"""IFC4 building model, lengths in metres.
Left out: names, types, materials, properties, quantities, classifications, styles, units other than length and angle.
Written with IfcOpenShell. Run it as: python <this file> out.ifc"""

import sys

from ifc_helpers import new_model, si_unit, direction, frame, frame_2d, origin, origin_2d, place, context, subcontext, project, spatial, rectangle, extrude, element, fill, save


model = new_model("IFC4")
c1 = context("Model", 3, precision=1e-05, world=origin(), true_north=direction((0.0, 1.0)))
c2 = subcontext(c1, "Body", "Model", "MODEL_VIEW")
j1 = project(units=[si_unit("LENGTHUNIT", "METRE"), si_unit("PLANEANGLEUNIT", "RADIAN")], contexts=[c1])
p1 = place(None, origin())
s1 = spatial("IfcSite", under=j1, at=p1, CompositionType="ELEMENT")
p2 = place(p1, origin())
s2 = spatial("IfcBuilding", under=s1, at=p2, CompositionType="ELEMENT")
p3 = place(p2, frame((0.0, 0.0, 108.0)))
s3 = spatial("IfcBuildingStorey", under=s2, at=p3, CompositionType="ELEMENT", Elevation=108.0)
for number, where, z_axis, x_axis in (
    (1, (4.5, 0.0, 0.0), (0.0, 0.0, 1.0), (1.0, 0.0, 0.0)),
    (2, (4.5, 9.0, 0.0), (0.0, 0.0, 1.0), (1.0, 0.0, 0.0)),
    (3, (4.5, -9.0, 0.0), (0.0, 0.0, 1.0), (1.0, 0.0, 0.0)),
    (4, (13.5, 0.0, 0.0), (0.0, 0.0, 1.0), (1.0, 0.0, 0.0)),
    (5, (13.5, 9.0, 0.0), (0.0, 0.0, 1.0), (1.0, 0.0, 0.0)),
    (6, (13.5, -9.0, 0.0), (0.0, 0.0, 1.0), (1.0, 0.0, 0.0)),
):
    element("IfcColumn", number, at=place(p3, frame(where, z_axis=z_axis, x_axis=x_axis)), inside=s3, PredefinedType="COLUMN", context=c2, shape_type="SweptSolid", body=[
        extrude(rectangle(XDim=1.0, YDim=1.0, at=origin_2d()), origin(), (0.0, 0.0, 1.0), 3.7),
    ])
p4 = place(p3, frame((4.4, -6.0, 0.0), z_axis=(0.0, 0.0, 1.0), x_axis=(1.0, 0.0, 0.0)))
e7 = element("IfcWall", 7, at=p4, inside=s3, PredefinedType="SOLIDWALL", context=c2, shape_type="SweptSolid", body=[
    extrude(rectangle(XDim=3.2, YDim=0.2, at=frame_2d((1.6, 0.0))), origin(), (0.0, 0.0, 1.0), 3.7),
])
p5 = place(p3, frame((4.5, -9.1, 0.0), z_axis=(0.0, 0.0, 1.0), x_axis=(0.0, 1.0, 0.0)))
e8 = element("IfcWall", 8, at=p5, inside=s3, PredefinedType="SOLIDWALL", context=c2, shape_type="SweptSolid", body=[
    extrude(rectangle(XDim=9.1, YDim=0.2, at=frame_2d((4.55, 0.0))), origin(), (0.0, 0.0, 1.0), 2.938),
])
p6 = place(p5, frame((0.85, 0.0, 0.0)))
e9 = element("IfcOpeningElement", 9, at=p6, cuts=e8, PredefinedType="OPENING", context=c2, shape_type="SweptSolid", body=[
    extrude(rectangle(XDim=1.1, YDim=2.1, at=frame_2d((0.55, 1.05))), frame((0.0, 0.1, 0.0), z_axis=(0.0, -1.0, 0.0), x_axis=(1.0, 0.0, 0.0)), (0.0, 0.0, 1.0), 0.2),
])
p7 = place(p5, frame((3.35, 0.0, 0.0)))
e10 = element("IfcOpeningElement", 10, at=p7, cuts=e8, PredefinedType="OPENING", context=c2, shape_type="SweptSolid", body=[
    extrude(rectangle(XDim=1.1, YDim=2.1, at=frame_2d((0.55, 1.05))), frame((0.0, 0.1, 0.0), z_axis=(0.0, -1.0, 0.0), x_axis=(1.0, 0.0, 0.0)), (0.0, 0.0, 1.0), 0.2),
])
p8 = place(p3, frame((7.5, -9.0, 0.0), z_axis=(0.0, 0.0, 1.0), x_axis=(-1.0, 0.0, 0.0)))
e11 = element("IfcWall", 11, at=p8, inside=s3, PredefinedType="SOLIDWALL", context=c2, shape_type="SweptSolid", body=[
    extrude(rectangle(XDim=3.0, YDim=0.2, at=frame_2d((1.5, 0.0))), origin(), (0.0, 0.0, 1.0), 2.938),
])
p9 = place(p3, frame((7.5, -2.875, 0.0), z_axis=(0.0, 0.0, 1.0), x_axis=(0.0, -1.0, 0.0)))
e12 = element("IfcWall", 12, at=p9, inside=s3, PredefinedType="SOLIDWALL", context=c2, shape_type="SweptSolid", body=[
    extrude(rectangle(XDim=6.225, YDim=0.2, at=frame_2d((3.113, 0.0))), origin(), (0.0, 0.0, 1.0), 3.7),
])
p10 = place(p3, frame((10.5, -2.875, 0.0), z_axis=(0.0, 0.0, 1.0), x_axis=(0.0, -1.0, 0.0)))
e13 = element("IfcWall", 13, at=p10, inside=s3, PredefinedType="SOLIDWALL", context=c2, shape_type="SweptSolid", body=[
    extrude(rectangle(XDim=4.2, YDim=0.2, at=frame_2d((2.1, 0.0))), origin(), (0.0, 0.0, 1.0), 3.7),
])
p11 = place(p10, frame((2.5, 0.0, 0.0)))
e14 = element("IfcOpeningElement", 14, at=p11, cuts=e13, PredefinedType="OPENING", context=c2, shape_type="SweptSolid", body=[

━━━━━━━━━━

ACTION ITEM: Write out every record, exactly as written.

ANSWER SECTION:
"""IFC4 building model, lengths in metres.
Left out: names, types, materials, properties, quantities, classifications, styles, units other than length and angle.
Written with IfcOpenShell. Run it as: python <this file> out.ifc"""

import sys

from ifc_helpers import new_model, si_unit, direction, frame, frame_2d, origin, origin_2d, place, context, subcontext, project, spatial, rectangle, extrude, element, fill, save


model = new_model("IFC4")
c1 = context("Model", 3, precision=1e-05, world=origin(), true_north=direction((0.0, 1.0)))
c2 = subcontext(c1, "Body", "Model", "MODEL_VIEW")
j1 = project(units=[si_unit("LENGTHUNIT", "METRE"), si_unit("PLANEANGLEUNIT", "RADIAN")], contexts=[c1])
p1 = place(None, origin())
s1 = spatial("IfcSite", under=j1, at=p1, CompositionType="ELEMENT")
p2 = place(p1, origin())
s2 = spatial("IfcBuilding", under=s1, at=p2, CompositionType="ELEMENT")
p3 = place(p2, frame((0.0, 0.0, 108.0)))
s3 = spatial("IfcBuildingStorey", under=s2, at=p3, CompositionType="ELEMENT", Elevation=108.0)
for number, where, z_axis, x_axis in (
    (1, (4.5, 0.0, 0.0), (0.0, 0.0, 1.0), (1.0, 0.0, 0.0)),
    (2, (4.5, 9.0, 0.0), (0.0, 0.0, 1.0), (1.0, 0.0, 0.0)),
    (3, (4.5, -9.0, 0.0), (0.0, 0.0, 1.0), (1.0, 0.0, 0.0)),
    (4, (13.5, 0.0, 0.0), (0.0, 0.0, 1.0), (1.0, 0.0, 0.0)),
    (5, (13.5, 9.0, 0.0), (0.0, 0.0, 1.0), (1.0, 0.0, 0.0)),
    (6, (13.5, -9.0, 0.0), (0.0, 0.0, 1.0), (1.0, 0.0, 0.0)),
):
    element("IfcColumn", number, at=place(p3, frame(where, z_axis=z_axis, x_axis=x_axis)), inside=s3, PredefinedType="COLUMN", context=c2, shape_type="SweptSolid", body=[
        extrude(rectangle(XDim=1.0, YDim=1.0, at=origin_2d()), origin(), (0.0, 0.0, 1.0), 3.7),
    ])
p4 = place(p3, frame((4.4, -6.0, 0.0), z_axis=(0.0, 0.0, 1.0), x_axis=(1.0, 0.0, 0.0)))
e7 = element("IfcWall", 7, at=p4, inside=s3, PredefinedType="SOLIDWALL", context=c2, shape_type="SweptSolid", body=[
    extrude(rectangle(XDim=3.2, YDim=0.2, at=frame_2d((1.6, 0.0))), origin(), (0.0, 0.0, 1.0), 3.7),
])
p5 = place(p3, frame((4.5, -9.1, 0.0), z_axis=(0.0, 0.0, 1.0), x_axis=(0.0, 1.0, 0.0)))
e8 = element("IfcWall", 8, at=p5, inside=s3, PredefinedType="SOLIDWALL", context=c2, shape_type="SweptSolid", body=[
    extrude(rectangle(XDim=9.1, YDim=0.2, at=frame_2d((4.55, 0.0))), origin(), (0.0, 0.0, 1.0), 2.938),
])
p6 = place(p5, frame((0.85, 0.0, 0.0)))
e9 = element("IfcOpeningElement", 9, at=p6, cuts=e8, PredefinedType="OPENING", context=c2, shape_type="SweptSolid", body=[
    extrude(rectangle(XDim=1.1, YDim=2.1, at=frame_2d((0.55, 1.05))), frame((0.0, 0.1, 0.0), z_axis=(0.0, -1.0, 0.0), x_axis=(1.0, 0.0, 0.0)), (0.0, 0.0, 1.0), 0.2),
])
p7 = place(p5, frame((3.35, 0.0, 0.0)))
e10 = element("IfcOpeningElement", 10, at=p7, cuts=e8, PredefinedType="OPENING", context=c2, shape_type="SweptSolid", body=[
    extrude(rectangle(XDim=1.1, YDim=2.1, at=frame_2d((0.55, 1.05))), frame((0.0, 0.1, 0.0), z_axis=(0.0, -1.0, 0.0), x_axis=(1.0, 0.0, 0.0)), (0.0, 0.0, 1.0), 0.2),
])
p8 = place(p3, frame((7.5, -9.0, 0.0), z_axis=(0.0, 0.0, 1.0), x_axis=(-1.0, 0.0, 0.0)))
e11 = element("IfcWall", 11, at=p8, inside=s3, PredefinedType="SOLIDWALL", context=c2, shape_type="SweptSolid", body=[
    extrude(rectangle(XDim=3.0, YDim=0.2, at=frame_2d((1.5, 0.0))), origin(), (0.0, 0.0, 1.0), 2.938),
])
p9 = place(p3, frame((7.5, -2.875, 0.0), z_axis=(0.0, 0.0, 1.0), x_axis=(0.0, -1.0, 0.0)))
e12 = element("IfcWall", 12, at=p9, inside=s3, PredefinedType="SOLIDWALL", context=c2, shape_type="SweptSolid", body=[
    extrude(rectangle(XDim=6.225, YDim=0.2, at=frame_2d((3.113, 0.0))), origin(), (0.0, 0.0, 1.0), 3.7),
])
p10 = place(p3, frame((10.5, -2.875, 0.0), z_axis=(0.0, 0.0, 1.0), x_axis=(0.0, -1.0, 0.0)))
e13 = element("IfcWall", 13, at=p10, inside=s3, PredefinedType="SOLIDWALL", context=c2, shape_type="SweptSolid", body=[
    extrude(rectangle(XDim=4.2, YDim=0.2, at=frame_2d((2.1, 0.0))), origin(), (0.0, 0.0, 1.0), 3.7),
])
p11 = place(p10, frame((2.5, 0.0, 0.0)))
e14 = element("IfcOpeningElement", 14, at=p11, cuts=e13, PredefinedType="OPENING", context=c2, shape_type="SweptSolid", body=[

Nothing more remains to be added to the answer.